* _ENTRIES SHOWN_
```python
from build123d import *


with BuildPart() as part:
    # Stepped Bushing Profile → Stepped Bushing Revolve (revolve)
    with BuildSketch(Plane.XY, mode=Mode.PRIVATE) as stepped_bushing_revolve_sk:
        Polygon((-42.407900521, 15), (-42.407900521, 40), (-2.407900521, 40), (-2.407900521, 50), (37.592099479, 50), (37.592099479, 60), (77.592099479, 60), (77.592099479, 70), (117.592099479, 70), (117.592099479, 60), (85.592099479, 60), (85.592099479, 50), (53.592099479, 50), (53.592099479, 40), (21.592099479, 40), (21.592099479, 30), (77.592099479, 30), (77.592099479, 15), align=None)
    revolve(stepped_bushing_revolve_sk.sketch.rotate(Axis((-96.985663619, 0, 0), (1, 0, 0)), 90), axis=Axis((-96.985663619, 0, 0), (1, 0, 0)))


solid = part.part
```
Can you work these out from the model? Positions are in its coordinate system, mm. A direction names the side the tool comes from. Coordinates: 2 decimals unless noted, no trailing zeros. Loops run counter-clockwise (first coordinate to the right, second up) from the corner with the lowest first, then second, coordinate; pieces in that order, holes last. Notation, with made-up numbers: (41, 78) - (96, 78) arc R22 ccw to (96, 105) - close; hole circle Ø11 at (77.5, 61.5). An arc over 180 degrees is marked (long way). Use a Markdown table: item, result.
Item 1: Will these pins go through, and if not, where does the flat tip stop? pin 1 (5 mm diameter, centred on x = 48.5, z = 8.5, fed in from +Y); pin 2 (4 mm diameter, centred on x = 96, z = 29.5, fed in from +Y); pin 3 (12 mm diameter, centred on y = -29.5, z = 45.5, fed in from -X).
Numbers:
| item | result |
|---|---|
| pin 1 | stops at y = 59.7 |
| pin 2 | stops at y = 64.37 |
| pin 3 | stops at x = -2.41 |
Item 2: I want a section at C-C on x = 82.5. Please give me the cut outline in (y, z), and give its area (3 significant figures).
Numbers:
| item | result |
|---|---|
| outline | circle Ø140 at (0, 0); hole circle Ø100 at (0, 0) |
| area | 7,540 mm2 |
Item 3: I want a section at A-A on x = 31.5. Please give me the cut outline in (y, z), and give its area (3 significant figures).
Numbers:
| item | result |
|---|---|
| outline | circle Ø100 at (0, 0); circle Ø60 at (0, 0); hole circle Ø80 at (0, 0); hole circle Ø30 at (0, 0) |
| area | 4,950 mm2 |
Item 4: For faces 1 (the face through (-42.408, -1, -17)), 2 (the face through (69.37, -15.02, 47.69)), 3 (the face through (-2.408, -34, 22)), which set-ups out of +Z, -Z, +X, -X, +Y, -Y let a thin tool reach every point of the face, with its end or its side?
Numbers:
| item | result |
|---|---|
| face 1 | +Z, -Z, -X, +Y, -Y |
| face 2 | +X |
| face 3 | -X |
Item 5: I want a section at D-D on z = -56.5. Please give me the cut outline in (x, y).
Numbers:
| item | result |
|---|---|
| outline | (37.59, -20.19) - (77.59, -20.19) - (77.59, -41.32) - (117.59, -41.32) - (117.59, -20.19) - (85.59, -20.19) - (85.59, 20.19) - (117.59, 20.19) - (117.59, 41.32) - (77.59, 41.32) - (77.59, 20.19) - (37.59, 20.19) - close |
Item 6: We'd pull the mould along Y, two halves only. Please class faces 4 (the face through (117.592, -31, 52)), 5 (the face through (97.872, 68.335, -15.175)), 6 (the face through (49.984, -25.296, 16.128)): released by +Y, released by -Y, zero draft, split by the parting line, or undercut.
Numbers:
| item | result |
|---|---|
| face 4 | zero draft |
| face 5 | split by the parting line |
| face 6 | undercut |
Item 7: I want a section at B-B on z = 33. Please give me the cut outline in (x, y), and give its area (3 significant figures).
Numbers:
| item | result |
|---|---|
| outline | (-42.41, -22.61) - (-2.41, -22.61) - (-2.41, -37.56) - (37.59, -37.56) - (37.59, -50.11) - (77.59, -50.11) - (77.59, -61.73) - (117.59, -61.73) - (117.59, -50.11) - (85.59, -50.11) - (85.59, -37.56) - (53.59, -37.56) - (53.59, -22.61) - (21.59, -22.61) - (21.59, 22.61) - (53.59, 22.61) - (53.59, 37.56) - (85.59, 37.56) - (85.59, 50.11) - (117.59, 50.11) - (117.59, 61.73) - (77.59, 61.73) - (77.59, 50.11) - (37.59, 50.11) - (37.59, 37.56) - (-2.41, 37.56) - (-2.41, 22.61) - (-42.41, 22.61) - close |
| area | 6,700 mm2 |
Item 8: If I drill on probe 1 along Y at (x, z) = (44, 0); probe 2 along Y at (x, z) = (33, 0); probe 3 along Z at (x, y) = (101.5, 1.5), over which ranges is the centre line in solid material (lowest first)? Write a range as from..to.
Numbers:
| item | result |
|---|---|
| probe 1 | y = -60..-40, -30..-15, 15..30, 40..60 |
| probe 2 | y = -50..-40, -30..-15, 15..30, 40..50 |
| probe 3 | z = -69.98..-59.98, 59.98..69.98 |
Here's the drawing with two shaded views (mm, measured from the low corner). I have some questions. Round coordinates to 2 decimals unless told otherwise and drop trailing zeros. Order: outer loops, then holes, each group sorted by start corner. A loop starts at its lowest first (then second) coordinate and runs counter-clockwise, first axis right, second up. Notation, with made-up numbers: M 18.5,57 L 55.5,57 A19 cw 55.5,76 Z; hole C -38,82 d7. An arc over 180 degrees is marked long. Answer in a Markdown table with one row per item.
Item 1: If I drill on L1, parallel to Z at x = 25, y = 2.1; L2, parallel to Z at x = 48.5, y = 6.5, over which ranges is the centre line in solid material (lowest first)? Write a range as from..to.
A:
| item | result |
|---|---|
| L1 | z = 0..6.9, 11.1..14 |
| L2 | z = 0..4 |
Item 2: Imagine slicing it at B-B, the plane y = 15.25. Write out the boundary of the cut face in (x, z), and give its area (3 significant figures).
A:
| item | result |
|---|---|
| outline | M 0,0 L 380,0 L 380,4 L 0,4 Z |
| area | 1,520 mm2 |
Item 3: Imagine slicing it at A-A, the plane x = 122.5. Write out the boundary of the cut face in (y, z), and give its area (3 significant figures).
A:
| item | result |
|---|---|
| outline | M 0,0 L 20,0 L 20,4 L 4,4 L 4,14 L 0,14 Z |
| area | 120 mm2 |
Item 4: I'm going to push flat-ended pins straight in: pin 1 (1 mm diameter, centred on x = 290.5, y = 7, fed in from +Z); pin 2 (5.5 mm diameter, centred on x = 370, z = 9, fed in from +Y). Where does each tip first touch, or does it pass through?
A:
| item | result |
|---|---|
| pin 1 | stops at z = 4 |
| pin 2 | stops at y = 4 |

* _EXERCISE BRIEF_
Copy every line above exactly.

* _PROBLEM SOLUTION_
```python
from build123d import *


with BuildPart() as part:
    # Stepped Bushing Profile → Stepped Bushing Revolve (revolve)
    with BuildSketch(Plane.XY, mode=Mode.PRIVATE) as stepped_bushing_revolve_sk:
        Polygon((-42.407900521, 15), (-42.407900521, 40), (-2.407900521, 40), (-2.407900521, 50), (37.592099479, 50), (37.592099479, 60), (77.592099479, 60), (77.592099479, 70), (117.592099479, 70), (117.592099479, 60), (85.592099479, 60), (85.592099479, 50), (53.592099479, 50), (53.592099479, 40), (21.592099479, 40), (21.592099479, 30), (77.592099479, 30), (77.592099479, 15), align=None)
    revolve(stepped_bushing_revolve_sk.sketch.rotate(Axis((-96.985663619, 0, 0), (1, 0, 0)), 90), axis=Axis((-96.985663619, 0, 0), (1, 0, 0)))


solid = part.part
```
Can you work these out from the model? Positions are in its coordinate system, mm. A direction names the side the tool comes from. Coordinates: 2 decimals unless noted, no trailing zeros. Loops run counter-clockwise (first coordinate to the right, second up) from the corner with the lowest first, then second, coordinate; pieces in that order, holes last. Notation, with made-up numbers: (41, 78) - (96, 78) arc R22 ccw to (96, 105) - close; hole circle Ø11 at (77.5, 61.5). An arc over 180 degrees is marked (long way). Use a Markdown table: item, result.
Item 1: Will these pins go through, and if not, where does the flat tip stop? pin 1 (5 mm diameter, centred on x = 48.5, z = 8.5, fed in from +Y); pin 2 (4 mm diameter, centred on x = 96, z = 29.5, fed in from +Y); pin 3 (12 mm diameter, centred on y = -29.5, z = 45.5, fed in from -X).
Numbers:
| item | result |
|---|---|
| pin 1 | stops at y = 59.7 |
| pin 2 | stops at y = 64.37 |
| pin 3 | stops at x = -2.41 |
Item 2: I want a section at C-C on x = 82.5. Please give me the cut outline in (y, z), and give its area (3 significant figures).
Numbers:
| item | result |
|---|---|
| outline | circle Ø140 at (0, 0); hole circle Ø100 at (0, 0) |
| area | 7,540 mm2 |
Item 3: I want a section at A-A on x = 31.5. Please give me the cut outline in (y, z), and give its area (3 significant figures).
Numbers:
| item | result |
|---|---|
| outline | circle Ø100 at (0, 0); circle Ø60 at (0, 0); hole circle Ø80 at (0, 0); hole circle Ø30 at (0, 0) |
| area | 4,950 mm2 |
Item 4: For faces 1 (the face through (-42.408, -1, -17)), 2 (the face through (69.37, -15.02, 47.69)), 3 (the face through (-2.408, -34, 22)), which set-ups out of +Z, -Z, +X, -X, +Y, -Y let a thin tool reach every point of the face, with its end or its side?
Numbers:
| item | result |
|---|---|
| face 1 | +Z, -Z, -X, +Y, -Y |
| face 2 | +X |
| face 3 | -X |
Item 5: I want a section at D-D on z = -56.5. Please give me the cut outline in (x, y).
Numbers:
| item | result |
|---|---|
| outline | (37.59, -20.19) - (77.59, -20.19) - (77.59, -41.32) - (117.59, -41.32) - (117.59, -20.19) - (85.59, -20.19) - (85.59, 20.19) - (117.59, 20.19) - (117.59, 41.32) - (77.59, 41.32) - (77.59, 20.19) - (37.59, 20.19) - close |
Item 6: We'd pull the mould along Y, two halves only. Please class faces 4 (the face through (117.592, -31, 52)), 5 (the face through (97.872, 68.335, -15.175)), 6 (the face through (49.984, -25.296, 16.128)): released by +Y, released by -Y, zero draft, split by the parting line, or undercut.
Numbers:
| item | result |
|---|---|
| face 4 | zero draft |
| face 5 | split by the parting line |
| face 6 | undercut |
Item 7: I want a section at B-B on z = 33. Please give me the cut outline in (x, y), and give its area (3 significant figures).
Numbers:
| item | result |
|---|---|
| outline | (-42.41, -22.61) - (-2.41, -22.61) - (-2.41, -37.56) - (37.59, -37.56) - (37.59, -50.11) - (77.59, -50.11) - (77.59, -61.73) - (117.59, -61.73) - (117.59, -50.11) - (85.59, -50.11) - (85.59, -37.56) - (53.59, -37.56) - (53.59, -22.61) - (21.59, -22.61) - (21.59, 22.61) - (53.59, 22.61) - (53.59, 37.56) - (85.59, 37.56) - (85.59, 50.11) - (117.59, 50.11) - (117.59, 61.73) - (77.59, 61.73) - (77.59, 50.11) - (37.59, 50.11) - (37.59, 37.56) - (-2.41, 37.56) - (-2.41, 22.61) - (-42.41, 22.61) - close |
| area | 6,700 mm2 |
Item 8: If I drill on probe 1 along Y at (x, z) = (44, 0); probe 2 along Y at (x, z) = (33, 0); probe 3 along Z at (x, y) = (101.5, 1.5), over which ranges is the centre line in solid material (lowest first)? Write a range as from..to.
Numbers:
| item | result |
|---|---|
| probe 1 | y = -60..-40, -30..-15, 15..30, 40..60 |
| probe 2 | y = -50..-40, -30..-15, 15..30, 40..50 |
| probe 3 | z = -69.98..-59.98, 59.98..69.98 |
Here's the drawing with two shaded views (mm, measured from the low corner). I have some questions. Round coordinates to 2 decimals unless told otherwise and drop trailing zeros. Order: outer loops, then holes, each group sorted by start corner. A loop starts at its lowest first (then second) coordinate and runs counter-clockwise, first axis right, second up. Notation, with made-up numbers: M 18.5,57 L 55.5,57 A19 cw 55.5,76 Z; hole C -38,82 d7. An arc over 180 degrees is marked long. Answer in a Markdown table with one row per item.
Item 1: If I drill on L1, parallel to Z at x = 25, y = 2.1; L2, parallel to Z at x = 48.5, y = 6.5, over which ranges is the centre line in solid material (lowest first)? Write a range as from..to.
A:
| item | result |
|---|---|
| L1 | z = 0..6.9, 11.1..14 |
| L2 | z = 0..4 |
Item 2: Imagine slicing it at B-B, the plane y = 15.25. Write out the boundary of the cut face in (x, z), and give its area (3 significant figures).
A:
| item | result |
|---|---|
| outline | M 0,0 L 380,0 L 380,4 L 0,4 Z |
| area | 1,520 mm2 |
Item 3: Imagine slicing it at A-A, the plane x = 122.5. Write out the boundary of the cut face in (y, z), and give its area (3 significant figures).
A:
| item | result |
|---|---|
| outline | M 0,0 L 20,0 L 20,4 L 4,4 L 4,14 L 0,14 Z |
| area | 120 mm2 |
Item 4: I'm going to push flat-ended pins straight in: pin 1 (1 mm diameter, centred on x = 290.5, y = 7, fed in from +Z); pin 2 (5.5 mm diameter, centred on x = 370, z = 9, fed in from +Y). Where does each tip first touch, or does it pass through?
A:
| item | result |
|---|---|
| pin 1 | stops at z = 4 |
| pin 2 | stops at y = 4 |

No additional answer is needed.